- Exercise description: What lines in the records below hold the string "origin"? Please show them.
• • • • •
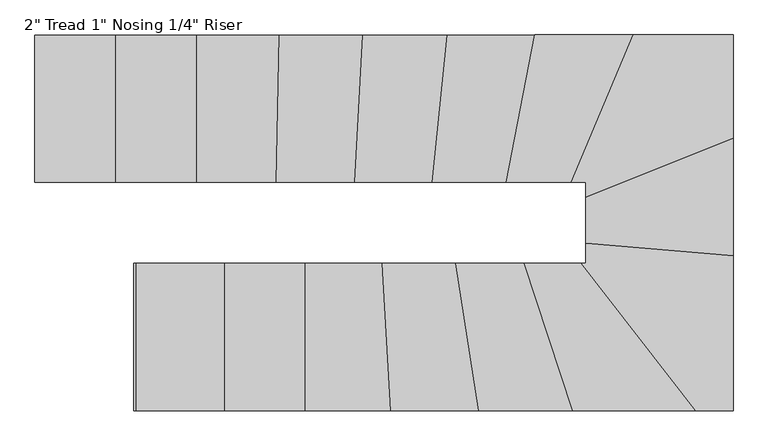
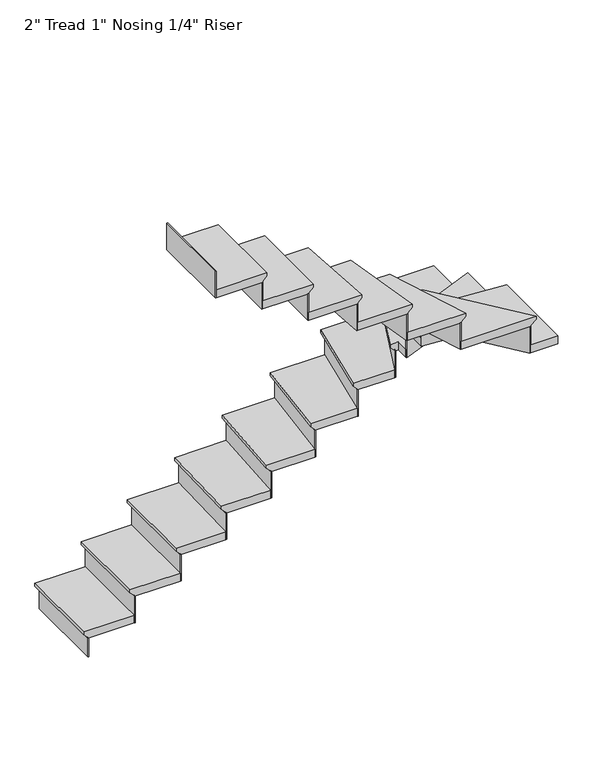
"""IFC4 building model written with IfcOpenShell, lengths in millimetres: stair flight geometry."""

from ifc_helpers import new_model, si_unit, origin, place, context, project, spatial, faceted_brep, source, transform, mapped, element, save


def stair_flight_0d7771ed(model_context):
    return source(origin(), model_context, "Body", "Brep", [
        faceted_brep([(838.4202681, 2693.877558, 9920.8166667), (838.4202681, 2693.877558, 9939.8666667), (838.4202681, 3202.4524989, 9939.8666667), (838.4202681, 3202.4524989, 9920.8166667), (863.8202681, 2693.877558, 9895.4166667), (863.8202681, 3202.4524989, 9895.4166667), (1143.2202681, 2693.877558, 9939.8666667), (1143.2202681, 3202.4524989, 9939.8666667), (863.8202681, 3202.4524989, 9889.0666667), (1143.2202681, 3202.4524989, 9889.0666667), (1143.2202681, 2693.877558, 9889.0666667), (863.8202681, 2693.877558, 9889.0666667)], [[[0, 1, 2, 3]], [[4, 0, 3, 5]], [[2, 1, 6, 7]], [[8, 9, 10, 11]], [[2, 7, 9, 8, 5, 3]], [[8, 11, 4, 5]], [[6, 1, 0, 4, 11, 10]], [[7, 6, 10, 9]]]),
        faceted_brep([(863.8202681, 2693.877558, 9889.0666667), (863.8202681, 2693.877558, 9770.5333333), (870.1702681, 2693.877558, 9770.5333333), (870.1702681, 2693.877558, 9889.0666667), (863.8202681, 3202.4524989, 9889.0666667), (870.1702681, 3202.4524989, 9889.0666667), (870.1702681, 3202.4524989, 9770.5333333), (863.8202681, 3202.4524989, 9770.5333333)], [[[0, 1, 2, 3]], [[4, 5, 6, 7]], [[1, 0, 4, 7]], [[2, 1, 7, 6]], [[3, 2, 6, 5]], [[0, 3, 5, 4]]]),
        faceted_brep([(1143.2202681, 2693.877558, 10058.4), (1143.2202681, 2693.877558, 9889.0666667), (1149.5702681, 2693.877558, 9889.0666667), (1149.5702681, 2693.877558, 10058.4), (1143.2202681, 3202.4524989, 10058.4), (1149.5702681, 3202.4524989, 10058.4), (1149.5702681, 3202.4524989, 9889.0666667), (1143.2202681, 3202.4524989, 9889.0666667)], [[[0, 1, 2, 3]], [[4, 5, 6, 7]], [[1, 0, 4, 7]], [[2, 1, 7, 6]], [[3, 2, 6, 5]], [[0, 3, 5, 4]]]),
        faceted_brep([(1117.8202681, 3202.4524989, 10109.2), (1117.8202681, 2693.877558, 10109.2), (1422.6202681, 2693.877558, 10109.2), (1422.6202681, 3202.4524989, 10109.2), (1143.2202681, 3202.4524989, 10058.4), (1422.6202681, 3202.4524989, 10058.4), (1422.6202681, 2693.877558, 10058.4), (1143.2202681, 2693.877558, 10058.4), (1143.2202681, 3202.4524989, 10064.75), (1117.8202681, 3202.4524989, 10090.15), (1143.2202681, 2693.877558, 10064.75), (1117.8202681, 2693.877558, 10090.15)], [[[0, 1, 2, 3]], [[4, 5, 6, 7]], [[0, 3, 5, 4, 8, 9]], [[4, 7, 10, 8]], [[2, 1, 11, 10, 7, 6]], [[3, 2, 6, 5]], [[11, 1, 0, 9]], [[10, 11, 9, 8]]]),
        faceted_brep([(1422.6202681, 2693.877558, 10227.7333333), (1422.6202681, 2693.877558, 10058.4), (1428.9702681, 2693.877558, 10058.4), (1428.9702681, 2693.877558, 10227.7333333), (1422.6202681, 3202.4524989, 10227.7333333), (1428.9702681, 3202.4524989, 10227.7333333), (1428.9702681, 3202.4524989, 10058.4), (1422.6202681, 3202.4524989, 10058.4)], [[[0, 1, 2, 3]], [[4, 5, 6, 7]], [[1, 0, 4, 7]], [[2, 1, 7, 6]], [[3, 2, 6, 5]], [[0, 3, 5, 4]]]),
        faceted_brep([(1397.2202681, 3202.4524989, 10278.5333333), (1397.2202681, 2693.877558, 10278.5333333), (1696.6553711, 2693.877558, 10278.5333333), (1707.3964935, 3202.4524989, 10278.5333333), (1422.6202681, 3202.4524989, 10227.7333333), (1707.3964935, 3202.4524989, 10227.7333333), (1696.6553711, 2693.877558, 10227.7333333), (1422.6202681, 2693.877558, 10227.7333333), (1422.6202681, 3202.4524989, 10234.0833333), (1397.2202681, 3202.4524989, 10259.4833333), (1422.6202681, 2693.877558, 10234.0833333), (1397.2202681, 2693.877558, 10259.4833333)], [[[0, 1, 2, 3]], [[4, 5, 6, 7]], [[0, 3, 5, 4, 8, 9]], [[4, 7, 10, 8]], [[2, 1, 11, 10, 7, 6]], [[3, 2, 6, 5]], [[11, 1, 0, 9]], [[10, 11, 9, 8]]]),
        faceted_brep([(1696.6553711, 2693.877558, 10397.0666667), (1696.6553711, 2693.877558, 10227.7333333), (1703.0067872, 2693.877558, 10227.7333333), (1703.0067872, 2693.877558, 10397.0666667), (1707.3964935, 3202.4524989, 10397.0666667), (1713.7479096, 3202.4524989, 10397.0666667), (1713.7479096, 3202.4524989, 10227.7333333), (1707.3964935, 3202.4524989, 10227.7333333)], [[[0, 1, 2, 3]], [[4, 5, 6, 7]], [[1, 0, 4, 7]], [[2, 1, 7, 6]], [[3, 2, 6, 5]], [[0, 3, 5, 4]]]),
        faceted_brep([(1681.9908293, 3202.4524989, 10447.8666667), (1671.2497068, 2693.877558, 10447.8666667), (1968.2389719, 2693.877558, 10447.8666667), (1994.6701229, 3202.4524989, 10447.8666667), (1707.3964935, 3202.4524989, 10397.0666667), (1994.6701229, 3202.4524989, 10397.0666667), (1968.2389719, 2693.877558, 10397.0666667), (1696.6553711, 2693.877558, 10397.0666667), (1707.3964935, 3202.4524989, 10403.4166667), (1681.9908293, 3202.4524989, 10428.8166667), (1696.6553711, 2693.877558, 10403.4166667), (1671.2497068, 2693.877558, 10428.8166667)], [[[0, 1, 2, 3]], [[4, 5, 6, 7]], [[0, 3, 5, 4, 8, 9]], [[4, 7, 10, 8]], [[2, 1, 11, 10, 7, 6]], [[3, 2, 6, 5]], [[11, 1, 0, 9]], [[10, 11, 9, 8]]]),
        faceted_brep([(1968.2389719, 2693.877558, 10566.4), (1968.2389719, 2693.877558, 10397.0666667), (1974.5975418, 2693.877558, 10397.0666667), (1974.5975418, 2693.877558, 10566.4), (1994.6701229, 3202.4524989, 10566.4), (2001.0286928, 3202.4524989, 10566.4), (2001.0286928, 3202.4524989, 10397.0666667), (1994.6701229, 3202.4524989, 10397.0666667)], [[[0, 1, 2, 3]], [[4, 5, 6, 7]], [[1, 0, 4, 7]], [[2, 1, 7, 6]], [[3, 2, 6, 5]], [[0, 3, 5, 4]]]),
        faceted_brep([(1969.2358436, 3202.4524989, 10617.2), (1942.8046925, 2693.877558, 10617.2), (2235.1931673, 2693.877558, 10617.2), (2286.7073051, 3202.4524989, 10617.2), (1994.6701229, 3202.4524989, 10566.4), (2286.7073051, 3202.4524989, 10566.4), (2235.1931673, 2693.877558, 10566.4), (1968.2389719, 2693.877558, 10566.4), (1994.6701229, 3202.4524989, 10572.75), (1969.2358436, 3202.4524989, 10598.15), (1968.2389719, 2693.877558, 10572.75), (1942.8046925, 2693.877558, 10598.15)], [[[0, 1, 2, 3]], [[4, 5, 6, 7]], [[0, 3, 5, 4, 8, 9]], [[4, 7, 10, 8]], [[2, 1, 11, 10, 7, 6]], [[3, 2, 6, 5]], [[11, 1, 0, 9]], [[10, 11, 9, 8]]]),
        faceted_brep([(2235.1931673, 2693.877558, 10735.7333333), (2235.1931673, 2693.877558, 10566.4), (2241.5756594, 2693.877558, 10566.4), (2241.5756594, 2693.877558, 10735.7333333), (2286.7073051, 3202.4524989, 10735.7333333), (2293.0897971, 3202.4524989, 10735.7333333), (2293.0897971, 3202.4524989, 10566.4), (2286.7073051, 3202.4524989, 10566.4)], [[[0, 1, 2, 3]], [[4, 5, 6, 7]], [[1, 0, 4, 7]], [[2, 1, 7, 6]], [[3, 2, 6, 5]], [[0, 3, 5, 4]]]),
        faceted_brep([(2261.1773369, 3202.4524989, 10786.5333333), (2209.6631992, 2693.877558, 10786.5333333), (2491.6737127, 2693.877558, 10786.5333333), (2589.7018996, 3202.4524989, 10786.5333333), (2286.7073051, 3202.4524989, 10735.7333333), (2589.7018996, 3202.4524989, 10735.7333333), (2491.6737127, 2693.877558, 10735.7333333), (2235.1931673, 2693.877558, 10735.7333333), (2286.7073051, 3202.4524989, 10742.0833333), (2261.1773369, 3202.4524989, 10767.4833333), (2235.1931673, 2693.877558, 10742.0833333), (2209.6631992, 2693.877558, 10767.4833333)], [[[0, 1, 2, 3]], [[4, 5, 6, 7]], [[0, 3, 5, 4, 8, 9]], [[4, 7, 10, 8]], [[2, 1, 11, 10, 7, 6]], [[3, 2, 6, 5]], [[11, 1, 0, 9]], [[10, 11, 9, 8]]]),
        faceted_brep([(2491.6737127, 2693.877558, 10905.0666667), (2491.6737127, 2693.877558, 10735.7333333), (2498.1405972, 2693.877558, 10735.7333333), (2498.1405972, 2693.877558, 10905.0666667), (2589.7018996, 3202.4524989, 10905.0666667), (2596.1687841, 3202.4524989, 10905.0666667), (2596.1687841, 3202.4524989, 10735.7333333), (2589.7018996, 3202.4524989, 10735.7333333)], [[[0, 1, 2, 3]], [[4, 5, 6, 7]], [[1, 0, 4, 7]], [[2, 1, 7, 6]], [[3, 2, 6, 5]], [[0, 3, 5, 4]]]),
        faceted_brep([(2563.8343615, 3202.4524989, 10955.8666667), (2465.8061746, 2693.877558, 10955.8666667), (2717.082711, 2693.877558, 10955.8666667), (2931.3822032, 3202.4524989, 10955.8666667), (2589.7018996, 3202.4524989, 10905.0666667), (2931.3822032, 3202.4524989, 10905.0666667), (2717.082711, 2693.877558, 10905.0666667), (2491.6737127, 2693.877558, 10905.0666667), (2589.7018996, 3202.4524989, 10911.4166667), (2563.8343615, 3202.4524989, 10936.8166667), (2491.6737127, 2693.877558, 10911.4166667), (2465.8061746, 2693.877558, 10936.8166667)], [[[0, 1, 2, 3]], [[4, 5, 6, 7]], [[0, 3, 5, 4, 8, 9]], [[4, 7, 10, 8]], [[2, 1, 11, 10, 7, 6]], [[3, 2, 6, 5]], [[11, 1, 0, 9]], [[10, 11, 9, 8]]]),
        faceted_brep([(2717.082711, 2693.877558, 11074.4), (2717.082711, 2693.877558, 10905.0666667), (2723.973426, 2693.877558, 10905.0666667), (2723.973426, 2693.877558, 11074.4), (2931.3822032, 3202.4524989, 11074.4), (2938.2729181, 3202.4524989, 11074.4), (2938.2729181, 3202.4524989, 10905.0666667), (2931.3822032, 3202.4524989, 10905.0666667)], [[[0, 1, 2, 3]], [[4, 5, 6, 7]], [[1, 0, 4, 7]], [[2, 1, 7, 6]], [[3, 2, 6, 5]], [[0, 3, 5, 4]]]),
        faceted_brep([(3247.982332, 2818.4435318, 11125.2), (3247.982332, 3202.4524989, 11125.2), (2903.8193433, 3202.4524989, 11125.2), (2689.5198512, 2693.877558, 11125.2), (2739.4073911, 2693.877558, 11125.2), (2739.4073911, 2614.5975609, 11125.2), (3247.982332, 3202.4524989, 11074.4), (3247.982332, 2818.4435318, 11074.4), (2739.4073911, 2614.5975609, 11074.4), (2739.4073911, 2693.877558, 11074.4), (2717.082711, 2693.877558, 11074.4), (2931.3822032, 3202.4524989, 11074.4), (2717.082711, 2693.877558, 11080.75), (2931.3822032, 3202.4524989, 11080.75), (2689.5198512, 2693.877558, 11106.15), (2903.8193433, 3202.4524989, 11106.15)], [[[0, 1, 2, 3, 4, 5]], [[6, 7, 8, 9, 10, 11]], [[1, 0, 7, 6]], [[11, 10, 12, 13]], [[5, 4, 9, 8]], [[0, 5, 8, 7]], [[14, 3, 2, 15]], [[12, 14, 15, 13]], [[4, 3, 14, 12, 10, 9]], [[2, 1, 6, 11, 13, 15]]]),
        faceted_brep([(2739.4073911, 2614.5975609, 11243.7333333), (2739.4073911, 2614.5975609, 11074.4), (2739.4073911, 2607.7564709, 11074.4), (2739.4073911, 2607.7564709, 11243.7333333), (3247.982332, 2818.4435318, 11243.7333333), (3247.982332, 2811.6024418, 11243.7333333), (3247.982332, 2811.6024418, 11074.4), (3247.982332, 2818.4435318, 11074.4)], [[[0, 1, 2, 3]], [[4, 5, 6, 7]], [[1, 0, 4, 7]], [[2, 1, 7, 6]], [[3, 2, 6, 5]], [[0, 3, 5, 4]]]),
        faceted_brep([(3247.982332, 2845.807892, 11294.5333333), (2739.4073911, 2641.9619211, 11294.5333333), (2739.4073911, 2458.7583414, 11294.5333333), (3247.982332, 2415.6151582, 11294.5333333), (3247.982332, 2818.4435318, 11243.7333333), (3247.982332, 2415.6151582, 11243.7333333), (2739.4073911, 2458.7583414, 11243.7333333), (2739.4073911, 2614.5975609, 11243.7333333), (3247.982332, 2818.4435318, 11250.0833333), (3247.982332, 2845.807892, 11275.4833333), (2739.4073911, 2614.5975609, 11250.0833333), (2739.4073911, 2641.9619211, 11275.4833333)], [[[0, 1, 2, 3]], [[4, 5, 6, 7]], [[0, 3, 5, 4, 8, 9]], [[4, 7, 10, 8]], [[2, 1, 11, 10, 7, 6]], [[3, 2, 6, 5]], [[11, 1, 0, 9]], [[10, 11, 9, 8]]]),
        faceted_brep([(2739.4073911, 2458.7583414, 11413.0666667), (2739.4073911, 2458.7583414, 11243.7333333), (2739.4073911, 2452.3855338, 11243.7333333), (2739.4073911, 2452.3855338, 11413.0666667), (3247.982332, 2415.6151582, 11413.0666667), (3247.982332, 2409.2423506, 11413.0666667), (3247.982332, 2409.2423506, 11243.7333333), (3247.982332, 2415.6151582, 11243.7333333)], [[[0, 1, 2, 3]], [[4, 5, 6, 7]], [[1, 0, 4, 7]], [[2, 1, 7, 6]], [[3, 2, 6, 5]], [[0, 3, 5, 4]]]),
        faceted_brep([(3085.5772675, 1905.9026171, 11463.8666667), (3247.982332, 1905.9026171, 11463.8666667), (3247.982332, 2441.1063885, 11463.8666667), (2739.4073911, 2484.2495716, 11463.8666667), (2739.4073911, 2414.477558, 11463.8666667), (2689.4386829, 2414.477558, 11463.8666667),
• • • • •
- Solved exercise:
from ifc_helpers import new_model, si_unit, origin, place, context, project, spatial, faceted_brep, source, transform, mapped, element, save
    return source(origin(), model_context, "Body", "Brep", [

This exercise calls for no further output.